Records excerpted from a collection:
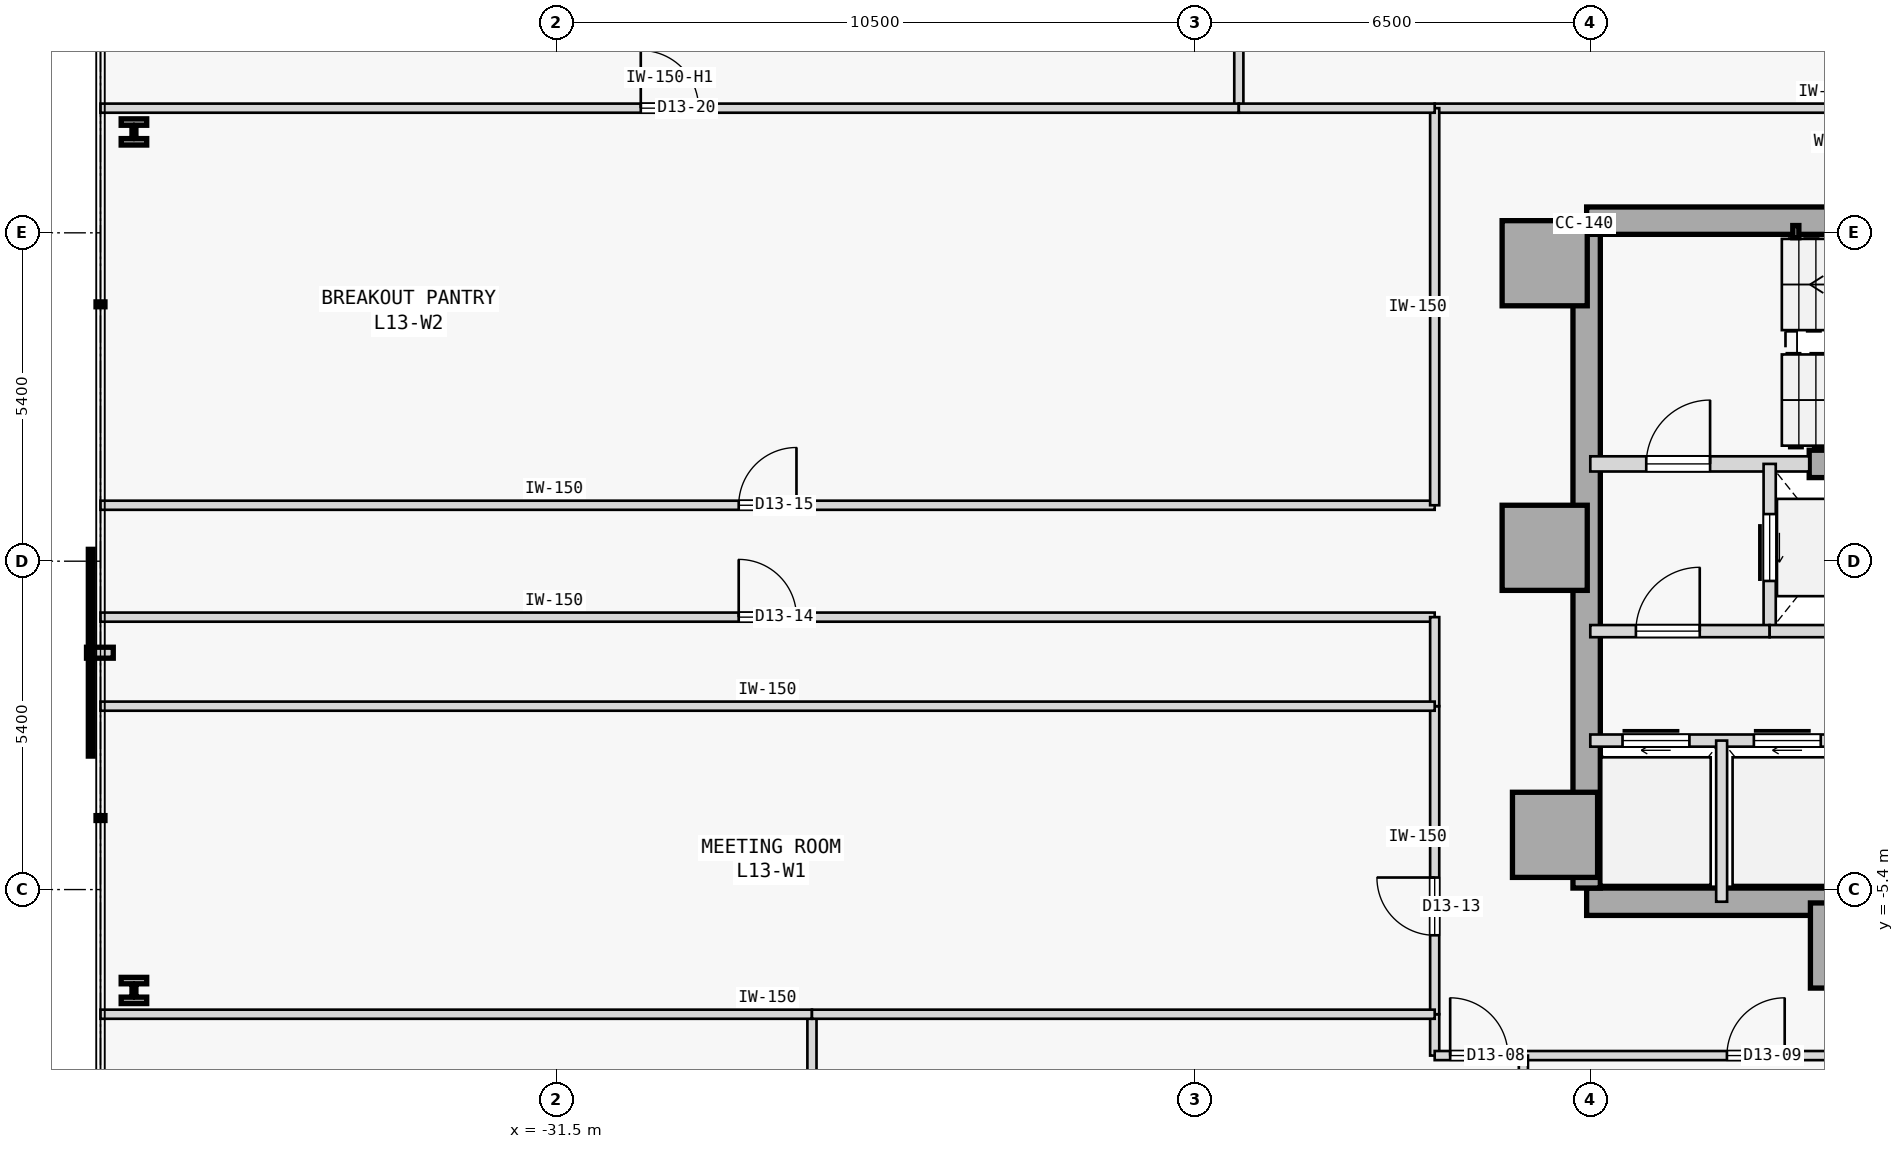
"""IFC4 building model, lengths in metres.
Left out: names, types, materials, properties, quantities, classifications, styles, units other than length and angle.
Written with IfcOpenShell. Run it as: python <this file> out.ifc"""

import sys

from ifc_helpers import new_model, si_unit, direction, frame, frame_2d, origin, origin_2d, place, context, subcontext, project, spatial, rectangle, hollow_rectangle, i_section, extrude, element, fill, save


model = new_model("IFC4")
c1 = context("Model", 3, precision=1e-05, world=origin(), true_north=direction((0.0, 1.0)))
c2 = subcontext(c1, "Body", "Model", "MODEL_VIEW")
j1 = project(units=[si_unit("LENGTHUNIT", "METRE"), si_unit("PLANEANGLEUNIT", "RADIAN")], contexts=[c1])
p1 = place(None, origin())
s1 = spatial("IfcSite", under=j1, at=p1, CompositionType="ELEMENT")
p2 = place(p1, origin())
s2 = spatial("IfcBuilding", under=s1, at=p2, CompositionType="ELEMENT")
p3 = place(p2, frame((0.0, 0.0, 56.0)))
s3 = spatial("IfcBuildingStorey", under=s2, at=p3, CompositionType="ELEMENT", Elevation=56.0)
for number, where, z_axis, x_axis in (
    (1, (-15.25, 4.9, 0.0), (0.0, 0.0, 1.0), (1.0, 0.0, 0.0)),
    (2, (-15.25, 0.22, 0.0), (0.0, 0.0, 1.0), (1.0, 0.0, 0.0)),
    (3, (-15.08, -4.5, 0.0), (0.0, 0.0, 1.0), (1.0, 0.0, 0.0)),
    (4, (-10.18, -6.32, 0.0), (0.0, 0.0, 1.0), (1.0, 0.0, 0.0)),
):
    element("IfcColumn", number, at=place(p3, frame(where, z_axis=z_axis, x_axis=x_axis)), inside=s3, PredefinedType="COLUMN", context=c2, shape_type="SweptSolid", body=[
        extrude(rectangle(XDim=1.4, YDim=1.4, at=origin_2d()), origin(), (0.0, 0.0, 1.0), 3.8),
    ])
p4 = place(p3, frame((-14.56, 5.6, 0.0), z_axis=(0.0, 0.0, 1.0), x_axis=(1.0, 0.0, 0.0)))
e5 = element("IfcWall", 5, at=p4, inside=s3, PredefinedType="SHEAR", context=c2, shape_type="SweptSolid", body=[
    extrude(rectangle(XDim=11.41, YDim=0.45, at=frame_2d((5.705, 0.0))), origin(), (0.0, 0.0, 1.0), 3.575),
])
p5 = place(p3, frame((-14.56, -5.6, 0.0), z_axis=(0.0, 0.0, 1.0), x_axis=(1.0, 0.0, 0.0)))
e6 = element("IfcWall", 6, at=p5, inside=s3, PredefinedType="SHEAR", context=c2, shape_type="SweptSolid", body=[
    extrude(rectangle(XDim=10.86, YDim=0.45, at=frame_2d((5.43, 0.0))), origin(), (0.0, 0.0, 1.0), 3.575),
])
p6 = place(p3, frame((-14.56, -5.375, 0.0), z_axis=(0.0, 0.0, 1.0), x_axis=(0.0, 1.0, 0.0)))
e7 = element("IfcWall", 7, at=p6, inside=s3, PredefinedType="SHEAR", context=c2, shape_type="SweptSolid", body=[
    extrude(rectangle(XDim=10.75, YDim=0.45, at=frame_2d((5.375, 0.0))), origin(), (0.0, 0.0, 1.0), 3.575),
])
p7 = place(p3, frame((-10.9, 1.6, 0.0), z_axis=(0.0, 0.0, 1.0), x_axis=(1.0, 0.0, 0.0)))
e8 = element("IfcWall", 8, at=p7, inside=s3, PredefinedType="SHEAR", context=c2, shape_type="SweptSolid", body=[
    extrude(rectangle(XDim=5.15, YDim=0.45, at=frame_2d((2.575, 0.0))), origin(), (0.0, 0.0, 1.0), 3.575),
])
p8 = place(p3, frame((-11.12, 5.42, 0.0), z_axis=(0.0, 0.0, 1.0), x_axis=(1.0, 0.0, 0.0)))
e9 = element("IfcColumn", 9, at=p8, inside=s3, PredefinedType="COLUMN", context=c2, shape_type="SweptSolid", body=[
    extrude(hollow_rectangle(XDim=0.1, YDim=0.2, WallThickness=0.008, at=origin_2d()), origin(), (0.0, 0.0, 1.0), 3.8),
])
for number, where, z_axis, x_axis in (
    (10, (-38.45, 7.059, 0.0), (0.0, 0.0, 1.0), (1.0, 0.0, 0.0)),
    (11, (-38.45, -7.059, 0.0), (0.0, 0.0, 1.0), (1.0, 0.0, 0.0)),
):
    element("IfcColumn", number, at=place(p3, frame(where, z_axis=z_axis, x_axis=x_axis)), inside=s3, PredefinedType="COLUMN", context=c2, shape_type="SweptSolid", body=[
        extrude(i_section(OverallWidth=0.42, OverallDepth=0.431, WebThickness=0.065, FlangeThickness=0.106, FilletRadius=0.015, at=origin_2d()), origin(), (0.0, 0.0, 1.0), 3.8),
    ])
p9 = place(p3, frame((-14.5, 1.6, 0.0), z_axis=(0.0, 0.0, 1.0), x_axis=(1.0, 0.0, 0.0)))
e12 = element("IfcWall", 12, at=p9, inside=s3, PredefinedType="STANDARD", context=c2, shape_type="SweptSolid", body=[
    extrude(rectangle(XDim=3.6, YDim=0.25, at=frame_2d((1.8, 0.0))), origin(), (0.0, 0.0, 1.0), 3.575),
])
p10 = place(p9, frame((0.92, 0.0, 0.0)))
e13 = element("IfcOpeningElement", 13, at=p10, cuts=e12, PredefinedType="OPENING", context=c2, shape_type="SweptSolid", body=[
    extrude(rectangle(XDim=1.05, YDim=2.15, at=frame_2d((0.525, 1.075))), frame((0.0, 0.135, 0.0), z_axis=(0.0, -1.0, 0.0), x_axis=(1.0, 0.0, 0.0)), (0.0, 0.0, 1.0), 0.27),
])
p11 = place(p3, frame((-11.55, -1.15, 0.0), z_axis=(0.0, 0.0, 1.0), x_axis=(0.0, 1.0, 0.0)))
e14 = element("IfcWall", 14, at=p11, inside=s3, PredefinedType="STANDARD", context=c2, shape_type="SweptSolid", body=[
    extrude(rectangle(XDim=2.75, YDim=0.2, at=frame_2d((1.375, 0.0))), origin(), (0.0, 0.0, 1.0), 3.575),
])
p12 = place(p11, frame((0.825, 0.0, 0.0)))
e15 = element("IfcOpeningElement", 15, at=p12, cuts=e14, PredefinedType="OPENING", context=c2, shape_type="SweptSolid", body=[
    extrude(rectangle(XDim=1.1, YDim=2.15, at=frame_2d((0.55, 1.075))), frame((0.0, 0.11, 0.0), z_axis=(0.0, -1.0, 0.0), x_axis=(1.0, 0.0, 0.0)), (0.0, 0.0, 1.0), 0.22),
])
p13 = place(p3, frame((-14.5, -1.15, 0.0), z_axis=(0.0, 0.0, 1.0), x_axis=(1.0, 0.0, 0.0)))
e16 = element("IfcWall", 16, at=p13, inside=s3, PredefinedType="STANDARD", context=c2, shape_type="SweptSolid", body=[
    extrude(rectangle(XDim=2.95, YDim=0.2, at=frame_2d((1.475, 0.0))), origin(), (0.0, 0.0, 1.0), 3.575),
])
p14 = place(p13, frame((0.75, 0.0, 0.0)))
e17 = element("IfcOpeningElement", 17, at=p14, cuts=e16, PredefinedType="OPENING", context=c2, shape_type="SweptSolid", body=[
    extrude(rectangle(XDim=1.05, YDim=2.18, at=frame_2d((0.525, 1.09))), frame((0.0, 0.11, 0.0), z_axis=(0.0, -1.0, 0.0), x_axis=(1.0, 0.0, 0.0)), (0.0, 0.0, 1.0), 0.22),
])
p15 = place(p3, frame((-11.55, -1.15, 0.0), z_axis=(0.0, 0.0, 1.0), x_axis=(1.0, 0.0, 0.0)))
e18 = element("IfcWall", 18, at=p15, inside=s3, PredefinedType="STANDARD", context=c2, shape_type="SweptSolid", body=[
    extrude(rectangle(XDim=2.2, YDim=0.2, at=frame_2d((1.1, 0.0))), origin(), (0.0, 0.0, 1.0), 3.575),
])
p16 = place(p3, frame((-14.5, -2.95, 0.0), z_axis=(0.0, 0.0, 1.0), x_axis=(1.0, 0.0, 0.0)))
e19 = element("IfcWall", 19, at=p16, inside=s3, PredefinedType="STANDARD", context=c2, shape_type="SweptSolid", body=[
    extrude(rectangle(XDim=10.8, YDim=0.2, at=frame_2d((5.4, 0.0))), origin(), (0.0, 0.0, 1.0), 3.575),
])
p17 = place(p16, frame((0.53, 0.0, 0.0)))
e20 = element("IfcOpeningElement", 20, at=p17, cuts=e19, PredefinedType="OPENING", context=c2, shape_type="SweptSolid", body=[
    extrude(rectangle(XDim=1.1, YDim=2.15, at=frame_2d((0.55, 1.075))), frame((0.0, 0.11, 0.0), z_axis=(0.0, -1.0, 0.0), x_axis=(1.0, 0.0, 0.0)), (0.0, 0.0, 1.0), 0.22),
])
p18 = place(p16, frame((2.69, 0.0, 0.0)))
e21 = element("IfcOpeningElement", 21, at=p18, cuts=e19, PredefinedType="OPENING", context=c2, shape_type="SweptSolid", body=[
    extrude(rectangle(XDim=1.1, YDim=2.15, at=frame_2d((0.55, 1.075))), frame((0.0, 0.11, 0.0), z_axis=(0.0, -1.0, 0.0), x_axis=(1.0, 0.0, 0.0)), (0.0, 0.0, 1.0), 0.22),
])
p19 = place(p3, frame((-12.34, -5.6, 0.0), z_axis=(0.0, 0.0, 1.0), x_axis=(0.0, 1.0, 0.0)))
e22 = element("IfcWall", 22, at=p19, inside=s3, PredefinedType="STANDARD", context=c2, shape_type="SweptSolid", body=[
    extrude(rectangle(XDim=2.65, YDim=0.18, at=frame_2d((1.325, 0.0))), origin(), (0.0, 0.0, 1.0), 3.575),
])
p20 = place(p3, frame((-17.059, 7.45, 0.0), z_axis=(0.0, 0.0, 1.0), x_axis=(1.0, 0.0, 0.0)))
e23 = element("IfcWall", 23, at=p20, inside=s3, PredefinedType="PARTITIONING", context=c2, shape_type="SweptSolid", body=[
    extrude(rectangle(XDim=16.139, YDim=0.15, at=frame_2d((8.07, 0.0))), origin(), (0.0, 0.0, 1.0), 3.575),
])
p21 = place(p3, frame((-17.059, -8.13, 0.0), z_axis=(0.0, 0.0, 1.0), x_axis=(0.0, 1.0, 0.0)))
e24 = element("IfcWall", 24, at=p21, inside=s3, PredefinedType="PARTITIONING", context=c2, shape_type="SweptSolid", body=[
    extrude(rectangle(XDim=0.68, YDim=0.15, at=frame_2d((0.34, 0.0))), origin(), (0.0, 0.0, 1.0), 3.575),
])
p22 = place(p3, frame((-17.059, -8.13, 0.0), z_axis=(0.0, 0.0, 1.0), x_axis=(1.0, 0.0, 0.0)))
e25 = element("IfcWall", 25, at=p22, inside=s3, PredefinedType="PARTITIONING", context=c2, shape_type="SweptSolid", body=[
    extrude(rectangle(XDim=1.459, YDim=0.15, at=frame_2d((0.729, 0.0))), origin(), (0.0, 0.0, 1.0), 3.575),
])
p23 = place(p22, frame((0.254, 0.0, 0.0)))
e26 = element("IfcOpeningElement", 26, at=p23, cuts=e25, PredefinedType="OPENING", context=c2, shape_type="SweptSolid", body=[
    extrude(rectangle(XDim=0.95, YDim=2.15, at=frame_2d((0.475, 1.075))), frame((0.0, 0.085, 0.0), z_axis=(0.0, -1.0, 0.0), x_axis=(1.0, 0.0, 0.0)), (0.0, 0.0, 1.0), 0.17),
])
p24 = place(p3, frame((-15.6, -8.13, 0.0), z_axis=(0.0, 0.0, 1.0), x_axis=(1.0, 0.0, 0.0)))
e27 = element("IfcWall", 27, at=p24, inside=s3, PredefinedType="PARTITIONING", context=c2, shape_type="SweptSolid", body=[
    extrude(rectangle(XDim=10.92, YDim=0.15, at=frame_2d((5.46, 0.0))), origin(), (0.0, 0.0, 1.0), 3.575),
])
p25 = place(p24, frame((3.347, 0.0, 0.0)))
e28 = element("IfcOpeningElement", 28, at=p25, cuts=e27, PredefinedType="OPENING", context=c2, shape_type="SweptSolid", body=[
    extrude(rectangle(XDim=0.95, YDim=2.15, at=frame_2d((0.475, 1.075))), frame((0.0, 0.085, 0.0), z_axis=(0.0, -1.0, 0.0), x_axis=(1.0, 0.0, 0.0)), (0.0, 0.0, 1.0), 0.17),
])
p26 = place(p3, frame((-17.059, -7.45, 0.0), z_axis=(0.0, 0.0, 1.0), x_axis=(0.0, 1.0, 0.0)))
e29 = element("IfcWall", 29, at=p26, inside=s3, PredefinedType="PARTITIONING", context=c2, shape_type="SweptSolid", body=[
    extrude(rectangle(XDim=5.066, YDim=0.15, at=frame_2d((2.533, 0.0))), origin(), (0.0, 0.0, 1.0), 3.575),
])
p27 = place(p26, frame((1.298, 0.0, 0.0)))
e30 = element("IfcOpeningElement", 30, at=p27, cuts=e29, PredefinedType="OPENING", context=c2, shape_type="SweptSolid", body=[
    extrude(rectangle(XDim=0.95, YDim=2.15, at=frame_2d((0.475, 1.075))), frame((0.0, 0.085, 0.0), z_axis=(0.0, -1.0, 0.0), x_axis=(1.0, 0.0, 0.0)), (0.0, 0.0, 1.0), 0.17),
])
p28 = place(p3, frame((-39.0, -0.92, 0.0), z_axis=(0.0, 0.0, 1.0), x_axis=(1.0, 0.0, 0.0)))
e31 = element("IfcWall", 31, at=p28, inside=s3, PredefinedType="PARTITIONING", context=c2, shape_type="SweptSolid", body=[
    extrude(rectangle(XDim=21.941, YDim=0.15, at=frame_2d((10.97, 0.0))), origin(), (0.0, 0.0, 1.0), 3.575),
])
p29 = place(p28, frame((10.496, 0.0, 0.0)))
e32 = element("IfcOpeningElement", 32, at=p29, cuts=e31, PredefinedType="OPENING", context=c2, shape_type="SweptSolid", body=[
    extrude(rectangle(XDim=0.95, YDim=2.15, at=frame_2d((0.475, 1.075))), frame((0.0, 0.085, 0.0), z_axis=(0.0, -1.0, 0.0), x_axis=(1.0, 0.0, 0.0)), (0.0, 0.0, 1.0), 0.17),
])
p30 = place(p3, frame((-17.059, -2.384, 0.0), z_axis=(0.0, 0.0, 1.0), x_axis=(0.0, 1.0, 0.0)))
e33 = element("IfcWall", 33, at=p30, inside=s3, PredefinedType="PARTITIONING", context=c2, shape_type="SweptSolid", body=[
    extrude(rectangle(XDim=1.464, YDim=0.15, at=frame_2d((0.732, 0.0))), origin(), (0.0, 0.0, 1.0), 3.575),
])
p31 = place(p3, frame((-39.0, 0.92, 0.0), z_axis=(0.0, 0.0, 1.0), x_axis=(1.0, 0.0, 0.0)))
e34 = element("IfcWall", 34, at=p31, inside=s3, PredefinedType="PARTITIONING", context=c2, shape_type="SweptSolid", body=[
    extrude(rectangle(XDim=21.941, YDim=0.15, at=frame_2d((10.97, 0.0))), origin(), (0.0, 0.0, 1.0), 3.575),
])
p32 = place(p31, frame((10.496, 0.0, 0.0)))
e35 = element("IfcOpeningElement", 35, at=p32, cuts=e34, PredefinedType="OPENING", context=c2, shape_type="SweptSolid", body=[
    extrude(rectangle(XDim=0.95, YDim=2.15, at=frame_2d((0.475, 1.075))), frame((0.0, 0.085, 0.0), z_axis=(0.0, -1.0, 0.0), x_axis=(1.0, 0.0, 0.0)), (0.0, 0.0, 1.0), 0.17),
])
p33 = place(p3, frame((-17.059, 0.92, 0.0), z_axis=(0.0, 0.0, 1.0), x_axis=(0.0, 1.0, 0.0)))
e36 = element("IfcWall", 36, at=p33, inside=s3, PredefinedType="PARTITIONING", context=c2, shape_type="SweptSolid", body=[
    extrude(rectangle(XDim=6.53, YDim=0.15, at=frame_2d((3.265, 0.0))), origin(), (0.0, 0.0, 1.0), 3.575),
])
p34 = place(p3, frame((-20.28, 7.45, 0.0), z_axis=(0.0, 0.0, 1.0), x_axis=(0.0, 1.0, 0.0)))
e37 = element("IfcWall", 37, at=p34, inside=s3, PredefinedType="PARTITIONING", context=c2, shape_type="SweptSolid", body=[
    extrude(rectangle(XDim=17.55, YDim=0.15, at=frame_2d((8.775, 0.0))), origin(), (0.0, 0.0, 1.0), 3.575),
])
p35 = place(p3, frame((-39.0, 7.45, 0.0), z_axis=(0.0, 0.0, 1.0), x_axis=(1.0, 0.0, 0.0)))
e38 = element("IfcWall", 38, at=p35, inside=s3, PredefinedType="PARTITIONING", context=c2, shape_type="SweptSolid", body=[
    extrude(rectangle(XDim=18.72, YDim=0.15, at=frame_2d((9.36, 0.0))), origin(), (0.0, 0.0, 1.0), 3.125),
])
p36 = place(p35, frame((8.885, 0.0, 0.0)))
e39 = element("IfcOpeningElement", 39, at=p36, cuts=e38, PredefinedType="OPENING", context=c2, shape_type="SweptSolid", body=[
    extrude(rectangle(XDim=0.95, YDim=2.15, at=frame_2d((0.475, 1.075))), frame((0.0, 0.085, 0.0), z_axis=(0.0, -1.0, 0.0), x_axis=(1.0, 0.0, 0.0)), (0.0, 0.0, 1.0), 0.17),
])
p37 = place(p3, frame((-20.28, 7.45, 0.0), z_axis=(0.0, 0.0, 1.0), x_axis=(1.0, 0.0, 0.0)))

Activity: In the records above, locate each line with the word "import". Copy all such lines.

Solution to this exercise:
import sys
from ifc_helpers import new_model, si_unit, direction, frame, frame_2d, origin, origin_2d, place, context, subcontext, project, spatial, rectangle, hollow_rectangle, i_section, extrude, element, fill, save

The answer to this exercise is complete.